[RECORD SET Boundary: Start]

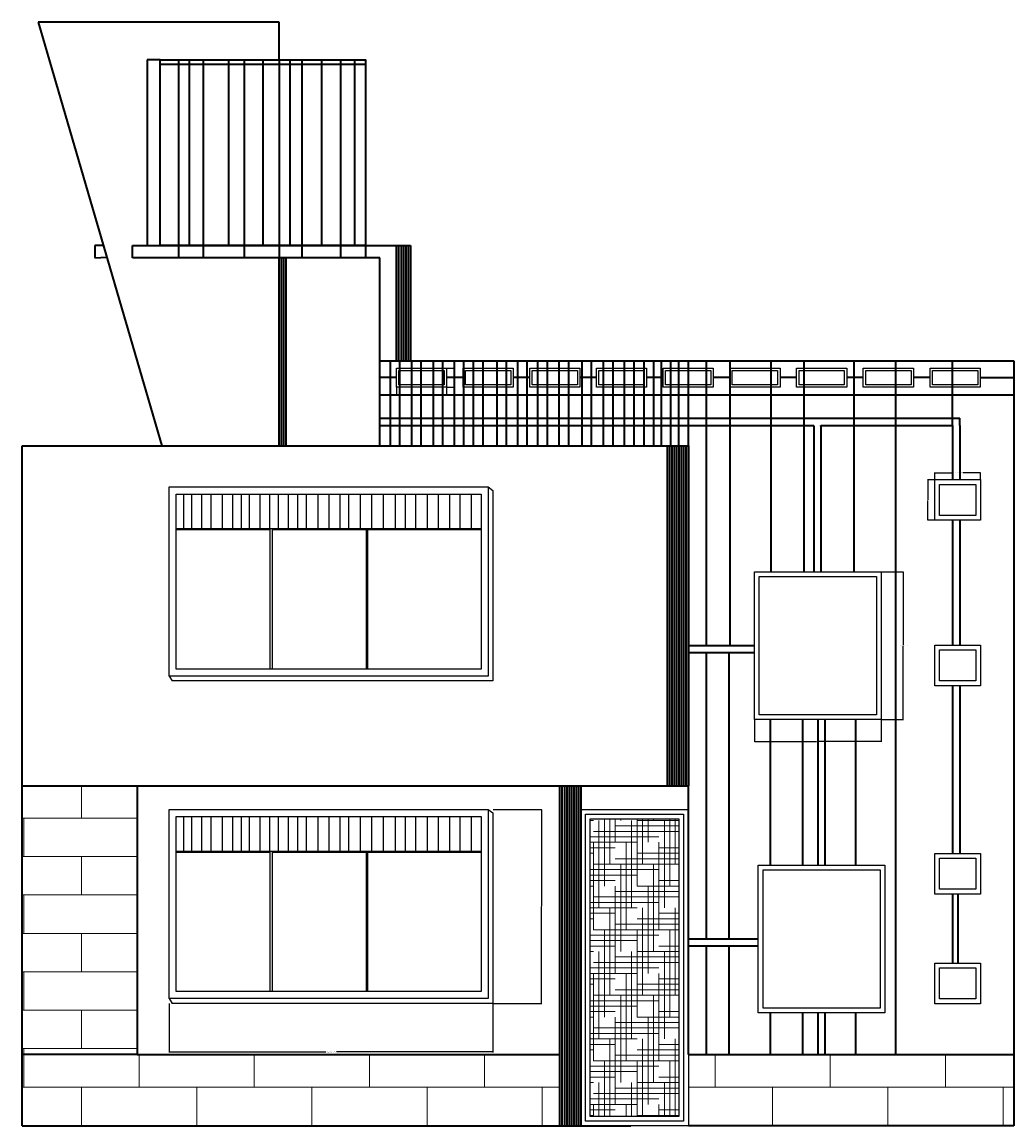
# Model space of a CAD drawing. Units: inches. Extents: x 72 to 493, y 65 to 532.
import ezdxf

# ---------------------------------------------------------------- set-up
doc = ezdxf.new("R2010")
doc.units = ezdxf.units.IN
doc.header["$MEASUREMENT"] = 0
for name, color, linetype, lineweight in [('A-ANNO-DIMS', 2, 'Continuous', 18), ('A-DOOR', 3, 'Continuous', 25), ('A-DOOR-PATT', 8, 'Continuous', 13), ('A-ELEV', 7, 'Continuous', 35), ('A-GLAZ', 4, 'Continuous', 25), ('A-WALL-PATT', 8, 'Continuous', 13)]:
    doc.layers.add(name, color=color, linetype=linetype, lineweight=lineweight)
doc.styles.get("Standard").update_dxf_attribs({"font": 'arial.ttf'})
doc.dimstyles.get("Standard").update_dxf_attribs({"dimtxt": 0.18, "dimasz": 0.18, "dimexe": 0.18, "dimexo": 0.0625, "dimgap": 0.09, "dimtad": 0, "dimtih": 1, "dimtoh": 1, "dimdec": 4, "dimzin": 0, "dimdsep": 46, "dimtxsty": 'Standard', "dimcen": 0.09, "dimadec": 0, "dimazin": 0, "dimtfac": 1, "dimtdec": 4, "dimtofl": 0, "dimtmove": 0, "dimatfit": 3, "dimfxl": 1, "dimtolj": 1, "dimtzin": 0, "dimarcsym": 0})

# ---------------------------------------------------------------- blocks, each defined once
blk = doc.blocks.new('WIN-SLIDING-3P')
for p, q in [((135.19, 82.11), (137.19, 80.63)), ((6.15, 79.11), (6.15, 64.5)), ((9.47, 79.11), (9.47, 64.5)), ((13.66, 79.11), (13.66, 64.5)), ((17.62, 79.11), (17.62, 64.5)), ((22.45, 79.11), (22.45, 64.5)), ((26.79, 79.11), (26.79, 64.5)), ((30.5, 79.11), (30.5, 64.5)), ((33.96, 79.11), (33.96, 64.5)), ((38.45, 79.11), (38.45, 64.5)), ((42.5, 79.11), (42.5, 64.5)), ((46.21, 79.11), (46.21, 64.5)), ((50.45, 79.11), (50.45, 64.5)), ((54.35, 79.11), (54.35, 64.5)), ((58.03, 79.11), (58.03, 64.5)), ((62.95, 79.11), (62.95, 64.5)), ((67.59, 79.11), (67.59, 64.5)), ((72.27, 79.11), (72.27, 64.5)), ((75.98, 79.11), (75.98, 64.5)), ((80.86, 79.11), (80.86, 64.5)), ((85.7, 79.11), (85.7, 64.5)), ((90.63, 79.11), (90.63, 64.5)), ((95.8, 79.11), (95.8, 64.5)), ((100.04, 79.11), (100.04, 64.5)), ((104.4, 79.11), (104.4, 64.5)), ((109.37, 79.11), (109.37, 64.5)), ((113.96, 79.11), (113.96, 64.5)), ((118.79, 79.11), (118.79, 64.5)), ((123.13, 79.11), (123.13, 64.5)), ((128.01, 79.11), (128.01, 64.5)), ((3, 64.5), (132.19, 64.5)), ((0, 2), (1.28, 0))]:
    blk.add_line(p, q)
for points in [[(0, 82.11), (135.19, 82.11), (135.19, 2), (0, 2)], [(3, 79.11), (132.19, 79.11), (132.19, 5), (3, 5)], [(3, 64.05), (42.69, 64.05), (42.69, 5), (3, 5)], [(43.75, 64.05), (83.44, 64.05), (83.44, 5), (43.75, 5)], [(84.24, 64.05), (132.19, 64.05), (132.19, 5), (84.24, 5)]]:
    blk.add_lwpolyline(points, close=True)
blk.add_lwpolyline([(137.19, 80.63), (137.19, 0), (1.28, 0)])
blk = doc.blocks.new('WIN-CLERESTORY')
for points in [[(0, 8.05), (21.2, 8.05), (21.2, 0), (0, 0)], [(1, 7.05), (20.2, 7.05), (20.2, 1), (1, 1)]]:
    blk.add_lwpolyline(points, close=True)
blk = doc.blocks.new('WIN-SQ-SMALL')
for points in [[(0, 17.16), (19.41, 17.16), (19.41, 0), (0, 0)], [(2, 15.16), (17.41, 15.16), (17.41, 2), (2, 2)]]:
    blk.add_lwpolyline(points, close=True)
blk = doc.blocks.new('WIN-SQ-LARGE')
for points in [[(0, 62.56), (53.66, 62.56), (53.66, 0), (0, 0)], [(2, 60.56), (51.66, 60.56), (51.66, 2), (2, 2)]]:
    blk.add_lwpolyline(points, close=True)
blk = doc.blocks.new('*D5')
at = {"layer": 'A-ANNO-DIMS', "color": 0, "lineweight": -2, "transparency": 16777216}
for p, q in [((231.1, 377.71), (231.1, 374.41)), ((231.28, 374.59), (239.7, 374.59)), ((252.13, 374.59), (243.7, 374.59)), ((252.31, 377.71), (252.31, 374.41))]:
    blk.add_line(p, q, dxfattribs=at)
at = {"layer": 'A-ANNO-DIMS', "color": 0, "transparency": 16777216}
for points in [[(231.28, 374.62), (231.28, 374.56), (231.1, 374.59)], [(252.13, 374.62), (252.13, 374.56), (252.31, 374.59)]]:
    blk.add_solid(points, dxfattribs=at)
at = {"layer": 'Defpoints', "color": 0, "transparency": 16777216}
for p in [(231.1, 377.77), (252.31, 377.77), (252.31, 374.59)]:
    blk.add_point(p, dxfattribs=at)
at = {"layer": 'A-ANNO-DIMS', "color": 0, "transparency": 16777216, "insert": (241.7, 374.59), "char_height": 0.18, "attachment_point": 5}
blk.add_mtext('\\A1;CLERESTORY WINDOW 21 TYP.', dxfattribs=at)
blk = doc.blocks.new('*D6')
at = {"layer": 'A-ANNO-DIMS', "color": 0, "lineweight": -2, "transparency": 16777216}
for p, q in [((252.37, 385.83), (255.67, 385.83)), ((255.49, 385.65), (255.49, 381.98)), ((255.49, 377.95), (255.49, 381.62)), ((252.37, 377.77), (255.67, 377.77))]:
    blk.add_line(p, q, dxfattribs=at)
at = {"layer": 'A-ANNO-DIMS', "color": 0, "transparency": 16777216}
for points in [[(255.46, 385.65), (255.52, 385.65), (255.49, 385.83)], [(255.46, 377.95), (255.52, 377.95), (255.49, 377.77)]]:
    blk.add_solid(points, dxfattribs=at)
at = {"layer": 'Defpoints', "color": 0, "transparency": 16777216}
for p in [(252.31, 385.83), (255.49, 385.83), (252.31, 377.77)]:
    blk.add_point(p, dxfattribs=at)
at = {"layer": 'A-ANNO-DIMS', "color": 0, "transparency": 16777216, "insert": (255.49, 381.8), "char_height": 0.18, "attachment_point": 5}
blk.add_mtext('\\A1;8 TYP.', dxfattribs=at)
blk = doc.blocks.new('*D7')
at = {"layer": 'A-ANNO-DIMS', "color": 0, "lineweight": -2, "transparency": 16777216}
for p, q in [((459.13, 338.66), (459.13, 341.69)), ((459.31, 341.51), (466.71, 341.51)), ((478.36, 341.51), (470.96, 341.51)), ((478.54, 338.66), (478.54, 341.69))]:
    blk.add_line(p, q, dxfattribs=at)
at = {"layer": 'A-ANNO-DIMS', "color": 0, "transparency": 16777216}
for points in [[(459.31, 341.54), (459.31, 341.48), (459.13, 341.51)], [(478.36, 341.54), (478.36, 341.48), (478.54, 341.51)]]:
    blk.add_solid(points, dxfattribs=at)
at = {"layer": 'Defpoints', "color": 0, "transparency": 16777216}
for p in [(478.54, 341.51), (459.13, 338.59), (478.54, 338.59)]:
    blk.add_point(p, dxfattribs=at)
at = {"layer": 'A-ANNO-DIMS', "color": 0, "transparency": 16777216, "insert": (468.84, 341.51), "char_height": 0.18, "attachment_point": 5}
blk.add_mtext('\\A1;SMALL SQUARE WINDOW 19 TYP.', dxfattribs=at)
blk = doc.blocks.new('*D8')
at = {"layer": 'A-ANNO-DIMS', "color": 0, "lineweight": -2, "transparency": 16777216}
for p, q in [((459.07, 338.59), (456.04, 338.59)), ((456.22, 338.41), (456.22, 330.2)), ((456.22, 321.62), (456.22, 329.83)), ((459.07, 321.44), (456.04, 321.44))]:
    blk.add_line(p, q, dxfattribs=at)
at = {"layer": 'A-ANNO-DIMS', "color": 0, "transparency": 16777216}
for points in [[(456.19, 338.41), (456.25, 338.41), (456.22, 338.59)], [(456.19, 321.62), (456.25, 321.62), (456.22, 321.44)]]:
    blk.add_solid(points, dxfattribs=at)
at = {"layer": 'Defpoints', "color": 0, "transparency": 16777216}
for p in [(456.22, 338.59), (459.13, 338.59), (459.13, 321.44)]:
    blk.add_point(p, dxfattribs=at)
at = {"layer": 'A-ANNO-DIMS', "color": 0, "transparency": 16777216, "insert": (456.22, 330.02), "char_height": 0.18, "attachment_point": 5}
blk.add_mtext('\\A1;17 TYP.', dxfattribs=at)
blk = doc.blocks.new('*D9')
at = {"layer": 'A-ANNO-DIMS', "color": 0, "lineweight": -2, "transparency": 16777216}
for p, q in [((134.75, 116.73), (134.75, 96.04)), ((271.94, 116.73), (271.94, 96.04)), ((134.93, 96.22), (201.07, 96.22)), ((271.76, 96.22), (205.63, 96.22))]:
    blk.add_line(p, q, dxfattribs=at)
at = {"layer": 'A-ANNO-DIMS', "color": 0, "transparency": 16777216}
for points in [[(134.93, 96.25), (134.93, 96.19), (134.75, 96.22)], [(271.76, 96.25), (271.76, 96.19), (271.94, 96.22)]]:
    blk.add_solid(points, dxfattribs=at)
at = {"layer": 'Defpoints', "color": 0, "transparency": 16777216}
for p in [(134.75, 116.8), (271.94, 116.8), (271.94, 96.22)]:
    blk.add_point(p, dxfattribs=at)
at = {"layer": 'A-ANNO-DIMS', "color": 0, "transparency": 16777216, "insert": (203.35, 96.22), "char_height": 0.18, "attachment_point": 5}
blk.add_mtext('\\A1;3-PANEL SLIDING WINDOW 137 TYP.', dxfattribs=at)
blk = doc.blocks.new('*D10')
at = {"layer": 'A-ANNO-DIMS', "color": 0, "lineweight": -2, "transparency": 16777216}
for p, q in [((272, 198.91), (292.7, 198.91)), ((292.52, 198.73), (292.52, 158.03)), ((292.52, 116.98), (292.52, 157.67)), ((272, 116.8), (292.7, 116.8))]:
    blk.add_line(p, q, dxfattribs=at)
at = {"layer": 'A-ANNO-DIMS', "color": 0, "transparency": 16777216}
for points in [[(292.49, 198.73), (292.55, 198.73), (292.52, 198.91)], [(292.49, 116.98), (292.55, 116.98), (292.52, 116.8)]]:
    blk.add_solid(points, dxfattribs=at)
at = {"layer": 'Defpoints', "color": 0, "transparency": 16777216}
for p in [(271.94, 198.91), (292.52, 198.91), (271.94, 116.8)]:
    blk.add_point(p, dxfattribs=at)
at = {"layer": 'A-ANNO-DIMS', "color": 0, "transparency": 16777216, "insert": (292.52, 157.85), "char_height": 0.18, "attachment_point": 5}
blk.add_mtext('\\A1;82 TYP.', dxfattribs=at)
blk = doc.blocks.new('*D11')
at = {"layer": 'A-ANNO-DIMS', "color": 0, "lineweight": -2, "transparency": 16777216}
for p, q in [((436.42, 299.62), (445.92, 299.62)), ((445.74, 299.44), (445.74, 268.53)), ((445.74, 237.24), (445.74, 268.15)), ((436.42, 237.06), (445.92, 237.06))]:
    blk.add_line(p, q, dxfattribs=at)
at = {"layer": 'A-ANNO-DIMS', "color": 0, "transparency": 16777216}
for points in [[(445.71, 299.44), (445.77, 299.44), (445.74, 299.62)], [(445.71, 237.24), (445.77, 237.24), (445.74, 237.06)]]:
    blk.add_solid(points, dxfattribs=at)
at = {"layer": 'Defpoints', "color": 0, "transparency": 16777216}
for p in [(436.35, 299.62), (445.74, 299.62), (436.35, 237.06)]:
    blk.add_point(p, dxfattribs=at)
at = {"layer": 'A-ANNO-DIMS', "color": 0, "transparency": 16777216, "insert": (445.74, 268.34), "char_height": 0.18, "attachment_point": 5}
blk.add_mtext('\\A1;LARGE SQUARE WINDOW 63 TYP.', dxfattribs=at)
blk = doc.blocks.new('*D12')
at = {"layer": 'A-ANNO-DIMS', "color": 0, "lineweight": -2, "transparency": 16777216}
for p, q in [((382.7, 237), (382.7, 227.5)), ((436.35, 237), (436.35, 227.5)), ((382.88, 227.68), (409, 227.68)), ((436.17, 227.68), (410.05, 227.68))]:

[RECORD SET Boundary: End]

▸ **WHAT THIS TASK INVOLVES**
Find all lines in the records that hold the word "name". Copy them.

▸ **EXERCISE ANSWER**
for name, color, linetype, lineweight in [('A-ANNO-DIMS', 2, 'Continuous', 18), ('A-DOOR', 3, 'Continuous', 25), ('A-DOOR-PATT', 8, 'Continuous', 13), ('A-ELEV', 7, 'Continuous', 35), ('A-GLAZ', 4, 'Continuous', 25), ('A-WALL-PATT', 8, 'Continuous', 13)]:
    doc.layers.add(name, color=color, linetype=linetype, lineweight=lineweight)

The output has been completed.